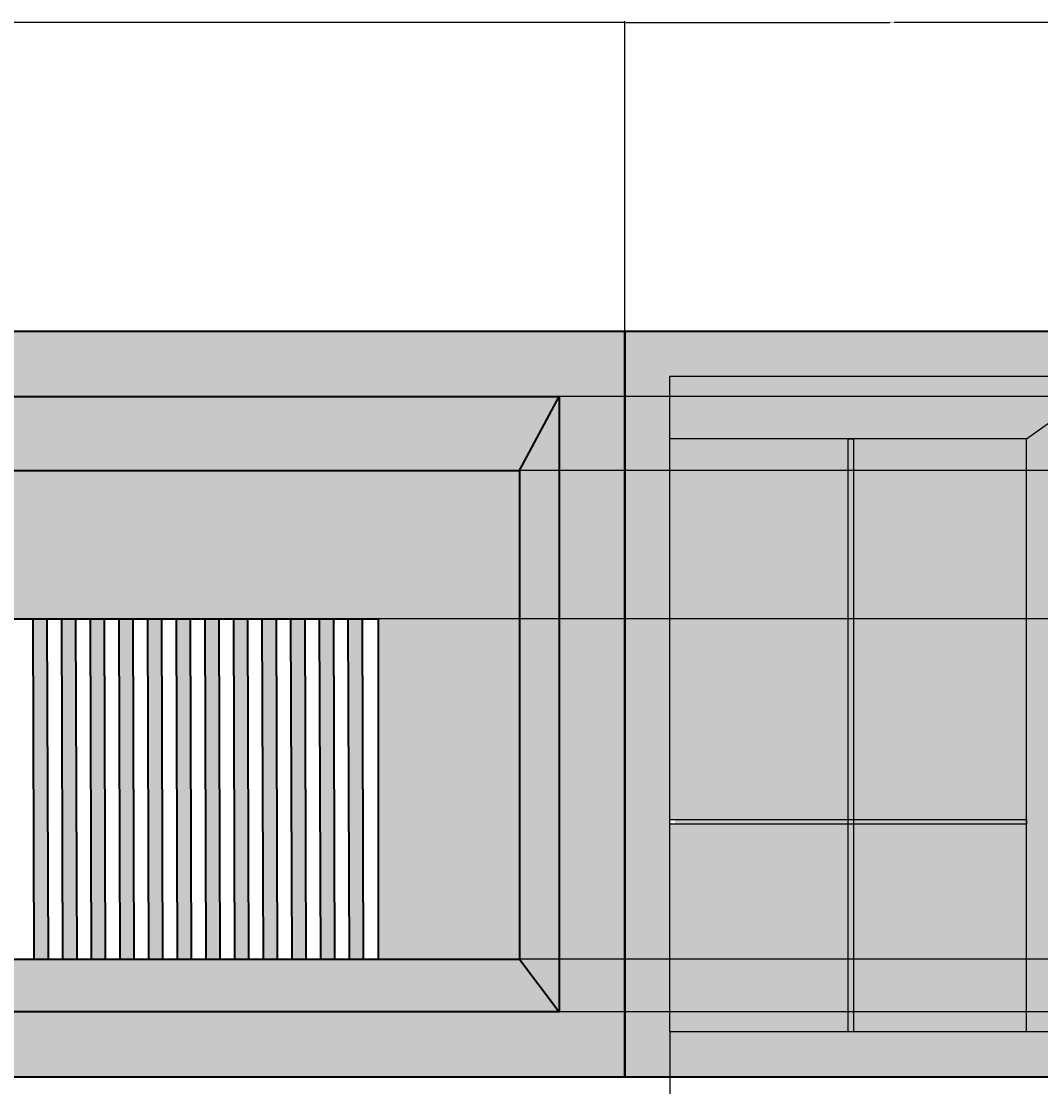
# Model space of a CAD drawing. Units: feet. Extents: x 1141 to 2858, y 751 to 1654.
# Tile 7 of 13: x 1916 to 2096, y 1466 to 1654. Entities that reach past the tile are written whole.
import ezdxf

# ---------------------------------------------------------------- set-up
doc = ezdxf.new("R2010")
doc.units = ezdxf.units.FT
for name, color, linetype, lineweight in [('A-ANNO-DIMS', 2, 'Continuous', 18), ('A-ELEV', 7, 'Continuous', 35), ('A-ELEV-PATT', 8, 'Continuous', 13), ('A-GLAZ', 4, 'Continuous', 25)]:
    doc.layers.add(name, color=color, linetype=linetype, lineweight=lineweight)
doc.styles.get("Standard").update_dxf_attribs({"font": 'arial.ttf'})
doc.dimstyles.get("Standard").update_dxf_attribs({"dimtxt": 0.18, "dimasz": 0.18, "dimexe": 0.18, "dimexo": 0.0625, "dimgap": 0.09, "dimtad": 0, "dimtih": 1, "dimtoh": 1, "dimdec": 1, "dimzin": 0, "dimdsep": 46, "dimlunit": 3, "dimtxsty": 'Standard', "dimcen": 0.09, "dimadec": 0, "dimazin": 0, "dimtfac": 1, "dimtdec": 1, "dimtofl": 0, "dimtmove": 0, "dimatfit": 3, "dimfxl": 1, "dimtolj": 1, "dimtzin": 0, "dimarcsym": 0})

# ---------------------------------------------------------------- blocks, each defined once
blk = doc.blocks.new('WIN-SIDE-A')
blk.add_line((63.09, 104.94), (78.57, 116.03))
blk.add_line((63.09, 104.94), (78.57, 116.03))
for points in [[(78.57, 0), (0, 0), (0, 116.03), (78.57, 116.03)], [(78.57, 0), (0, 0), (0, 116.03), (78.57, 116.03)], [(31.54, 104.94), (32.46, 104.94), (32.46, 0), (31.54, 0)], [(0, 37.61), (63.09, 37.61), (63.09, 36.79), (0, 36.79)]]:
    blk.add_lwpolyline(points, close=True)
for points in [[(63.09, 0), (63.09, 104.94), (0, 104.94)], [(63.09, 0), (63.09, 104.94), (0, 104.94)], [(31.54, 37.61), (31.54, 104.94), (32.46, 104.94), (32.46, 37.61)], [(31.54, 36.79), (0, 36.79), (0, 37.61), (31.54, 37.61)], [(32.46, 36.79), (32.46, 0), (31.54, 0), (31.54, 36.79)], [(32.46, 37.61), (63.09, 37.61), (63.09, 36.79), (32.46, 36.79)]]:
    blk.add_lwpolyline(points)
blk = doc.blocks.new('*D15')
at = {"layer": 'A-ANNO-DIMS', "color": 0, "lineweight": -2, "transparency": 16777216}
for p, q in [((2030.85, 1475.38), (2030.85, 1457.85)), ((2109.42, 1475.38), (2109.42, 1457.85)), ((2031.03, 1458.03), (2069.61, 1458.03)), ((2109.24, 1458.03), (2070.66, 1458.03))]:
    blk.add_line(p, q, dxfattribs=at)
at = {"layer": 'A-ANNO-DIMS', "color": 0, "transparency": 16777216}
for points in [[(2031.03, 1458.06), (2031.03, 1458), (2030.85, 1458.03)], [(2109.24, 1458.06), (2109.24, 1458), (2109.42, 1458.03)]]:
    blk.add_solid(points, dxfattribs=at)
at = {"layer": 'Defpoints', "color": 0, "transparency": 16777216}
for p in [(2030.85, 1475.44), (2109.42, 1475.44), (2109.42, 1458.03)]:
    blk.add_point(p, dxfattribs=at)
at = {"layer": 'A-ANNO-DIMS', "color": 0, "transparency": 16777216, "insert": (2070.14, 1458.03), "char_height": 0.18, "attachment_point": 5}
blk.add_mtext('\\A1;79 TYP.', dxfattribs=at)
blk = doc.blocks.new('*D25')
at = {"layer": 'A-ANNO-DIMS', "color": 0, "lineweight": -2, "transparency": 16777216}
for p, q in [((1726.03, 1599.52), (1726.03, 1654.28)), ((1726.21, 1654.1), (1873.98, 1654.1)), ((2022.69, 1654.1), (1874.91, 1654.1)), ((2022.87, 1599.52), (2022.87, 1654.28))]:
    blk.add_line(p, q, dxfattribs=at)
at = {"layer": 'A-ANNO-DIMS', "color": 0, "transparency": 16777216}
for points in [[(1726.21, 1654.13), (1726.21, 1654.07), (1726.03, 1654.1)], [(2022.69, 1654.13), (2022.69, 1654.07), (2022.87, 1654.1)]]:
    blk.add_solid(points, dxfattribs=at)
at = {"layer": 'Defpoints', "color": 0, "transparency": 16777216}
for p in [(2022.87, 1654.1), (1726.03, 1599.45), (2022.87, 1599.45)]:
    blk.add_point(p, dxfattribs=at)
at = {"layer": 'A-ANNO-DIMS', "color": 0, "transparency": 16777216, "insert": (1874.45, 1654.1), "char_height": 0.18, "attachment_point": 5}
blk.add_mtext('\\A1;296.83', dxfattribs=at)
blk = doc.blocks.new('*D26')
at = {"layer": 'A-ANNO-DIMS', "color": 0, "lineweight": -2, "transparency": 16777216}
for p, q in [((2022.87, 1599.52), (2022.87, 1654.28)), ((2023.05, 1654.1), (2069.74, 1654.1)), ((2117.23, 1654.1), (2070.53, 1654.1)), ((2117.41, 1599.52), (2117.41, 1654.28))]:
    blk.add_line(p, q, dxfattribs=at)
at = {"layer": 'A-ANNO-DIMS', "color": 0, "transparency": 16777216}
for points in [[(2023.05, 1654.13), (2023.05, 1654.07), (2022.87, 1654.1)], [(2117.23, 1654.13), (2117.23, 1654.07), (2117.41, 1654.1)]]:
    blk.add_solid(points, dxfattribs=at)
at = {"layer": 'Defpoints', "color": 0, "transparency": 16777216}
for p in [(2117.41, 1654.1), (2022.87, 1599.45), (2117.41, 1599.45)]:
    blk.add_point(p, dxfattribs=at)
at = {"layer": 'A-ANNO-DIMS', "color": 0, "transparency": 16777216, "insert": (2070.14, 1654.1), "char_height": 0.18, "attachment_point": 5}
blk.add_mtext('\\A1;94.54', dxfattribs=at)
blk = doc.blocks.new('*D39')
at = {"layer": 'A-ANNO-DIMS', "color": 0, "lineweight": -2, "transparency": 16777216}
for p, q in [((2319.24, 1599.45), (1668.14, 1599.45)), ((1668.32, 1599.27), (1668.32, 1202.86)), ((1668.32, 806.08), (1668.32, 1202.49)), ((2319.24, 805.9), (1668.14, 805.9))]:
    blk.add_line(p, q, dxfattribs=at)
at = {"layer": 'A-ANNO-DIMS', "color": 0, "transparency": 16777216}
for points in [[(1668.29, 1599.27), (1668.35, 1599.27), (1668.32, 1599.45)], [(1668.29, 806.08), (1668.35, 806.08), (1668.32, 805.9)]]:
    blk.add_solid(points, dxfattribs=at)
at = {"layer": 'Defpoints', "color": 0, "transparency": 16777216}
for p in [(1668.32, 1599.45), (2319.3, 1599.45), (2319.3, 805.9)]:
    blk.add_point(p, dxfattribs=at)
at = {"layer": 'A-ANNO-DIMS', "color": 0, "transparency": 16777216, "insert": (1668.32, 1202.68), "char_height": 0.18, "attachment_point": 5}
blk.add_mtext('\\A1;793.6', dxfattribs=at)
blk = doc.blocks.new('*D48')
at = {"layer": 'A-ANNO-DIMS', "color": 0, "lineweight": -2, "transparency": 16777216}
for p, q in [((2330.82, 1479.03), (1668.14, 1479.03)), ((1668.32, 1478.85), (1668.32, 1473.42)), ((1668.32, 1467.63), (1668.32, 1473.06)), ((2319.24, 1467.45), (1668.14, 1467.45))]:
    blk.add_line(p, q, dxfattribs=at)
at = {"layer": 'A-ANNO-DIMS', "color": 0, "transparency": 16777216}
for points in [[(1668.29, 1478.85), (1668.35, 1478.85), (1668.32, 1479.03)], [(1668.29, 1467.63), (1668.35, 1467.63), (1668.32, 1467.45)]]:
    blk.add_solid(points, dxfattribs=at)
at = {"layer": 'Defpoints', "color": 0, "transparency": 16777216}
for p in [(1668.32, 1479.03), (2330.88, 1479.03), (2319.3, 1467.45)]:
    blk.add_point(p, dxfattribs=at)
at = {"layer": 'A-ANNO-DIMS', "color": 0, "transparency": 16777216, "insert": (1668.32, 1473.24), "char_height": 0.18, "attachment_point": 5}
blk.add_mtext('\\A1;11.58', dxfattribs=at)
blk = doc.blocks.new('*D49')
at = {"layer": 'A-ANNO-DIMS', "color": 0, "lineweight": -2, "transparency": 16777216}
for p, q in [((2347.45, 1488.33), (1668.14, 1488.33)), ((1668.32, 1488.15), (1668.32, 1483.86)), ((1668.32, 1479.21), (1668.32, 1483.5)), ((2330.82, 1479.03), (1668.14, 1479.03))]:
    blk.add_line(p, q, dxfattribs=at)
at = {"layer": 'A-ANNO-DIMS', "color": 0, "transparency": 16777216}
for points in [[(1668.29, 1488.15), (1668.35, 1488.15), (1668.32, 1488.33)], [(1668.29, 1479.21), (1668.35, 1479.21), (1668.32, 1479.03)]]:
    blk.add_solid(points, dxfattribs=at)
at = {"layer": 'Defpoints', "color": 0, "transparency": 16777216}
for p in [(1668.32, 1488.33), (2347.51, 1488.33), (2330.88, 1479.03)]:
    blk.add_point(p, dxfattribs=at)
at = {"layer": 'A-ANNO-DIMS', "color": 0, "transparency": 16777216, "insert": (1668.32, 1483.68), "char_height": 0.18, "attachment_point": 5}
blk.add_mtext('\\A1;9.293', dxfattribs=at)
blk = doc.blocks.new('*D50')
at = {"layer": 'A-ANNO-DIMS', "color": 0, "lineweight": -2, "transparency": 16777216}
for p, q in [((2356.58, 1548.54), (1668.14, 1548.54)), ((1668.32, 1548.36), (1668.32, 1518.62)), ((1668.32, 1488.51), (1668.32, 1518.25)), ((2347.45, 1488.33), (1668.14, 1488.33))]:
    blk.add_line(p, q, dxfattribs=at)
at = {"layer": 'A-ANNO-DIMS', "color": 0, "transparency": 16777216}
for points in [[(1668.29, 1548.36), (1668.35, 1548.36), (1668.32, 1548.54)], [(1668.29, 1488.51), (1668.35, 1488.51), (1668.32, 1488.33)]]:
    blk.add_solid(points, dxfattribs=at)
at = {"layer": 'Defpoints', "color": 0, "transparency": 16777216}
for p in [(1668.32, 1548.54), (2356.64, 1548.54), (2347.51, 1488.33)]:
    blk.add_point(p, dxfattribs=at)
at = {"layer": 'A-ANNO-DIMS', "color": 0, "transparency": 16777216, "insert": (1668.32, 1518.43), "char_height": 0.18, "attachment_point": 5}
blk.add_mtext('\\A1;60.22', dxfattribs=at)
blk = doc.blocks.new('*D51')
at = {"layer": 'A-ANNO-DIMS', "color": 0, "lineweight": -2, "transparency": 16777216}
for p, q in [((2347.45, 1574.77), (1668.14, 1574.77)), ((1668.32, 1574.59), (1668.32, 1561.84)), ((1668.32, 1548.72), (1668.32, 1561.47)), ((2356.58, 1548.54), (1668.14, 1548.54))]:
    blk.add_line(p, q, dxfattribs=at)
at = {"layer": 'A-ANNO-DIMS', "color": 0, "transparency": 16777216}
for points in [[(1668.29, 1574.59), (1668.35, 1574.59), (1668.32, 1574.77)], [(1668.29, 1548.72), (1668.35, 1548.72), (1668.32, 1548.54)]]:
    blk.add_solid(points, dxfattribs=at)
at = {"layer": 'Defpoints', "color": 0, "transparency": 16777216}
for p in [(1668.32, 1574.77), (2347.51, 1574.77), (2356.64, 1548.54)]:
    blk.add_point(p, dxfattribs=at)
at = {"layer": 'A-ANNO-DIMS', "color": 0, "transparency": 16777216, "insert": (1668.32, 1561.66), "char_height": 0.18, "attachment_point": 5}
blk.add_mtext('\\A1;26.23', dxfattribs=at)
blk = doc.blocks.new('*D52')
at = {"layer": 'A-ANNO-DIMS', "color": 0, "lineweight": -2, "transparency": 16777216}
for p, q in [((2330.82, 1587.87), (1668.14, 1587.87)), ((1668.32, 1587.69), (1668.32, 1581.5)), ((1668.32, 1574.95), (1668.32, 1581.14)), ((2347.45, 1574.77), (1668.14, 1574.77))]:
    blk.add_line(p, q, dxfattribs=at)
at = {"layer": 'A-ANNO-DIMS', "color": 0, "transparency": 16777216}
for points in [[(1668.29, 1587.69), (1668.35, 1587.69), (1668.32, 1587.87)], [(1668.29, 1574.95), (1668.35, 1574.95), (1668.32, 1574.77)]]:
    blk.add_solid(points, dxfattribs=at)
at = {"layer": 'Defpoints', "color": 0, "transparency": 16777216}
for p in [(1668.32, 1587.87), (2330.88, 1587.87), (2347.51, 1574.77)]:
    blk.add_point(p, dxfattribs=at)
at = {"layer": 'A-ANNO-DIMS', "color": 0, "transparency": 16777216, "insert": (1668.32, 1581.32), "char_height": 0.18, "attachment_point": 5}
blk.add_mtext('\\A1;13.102', dxfattribs=at)
blk = doc.blocks.new('*D53')
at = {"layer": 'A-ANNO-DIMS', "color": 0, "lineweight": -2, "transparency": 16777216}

Activity: Show all lines from the data above in which the word "ezdxf" appears.

Task response:
import ezdxf
doc = ezdxf.new("R2010")
doc.units = ezdxf.units.FT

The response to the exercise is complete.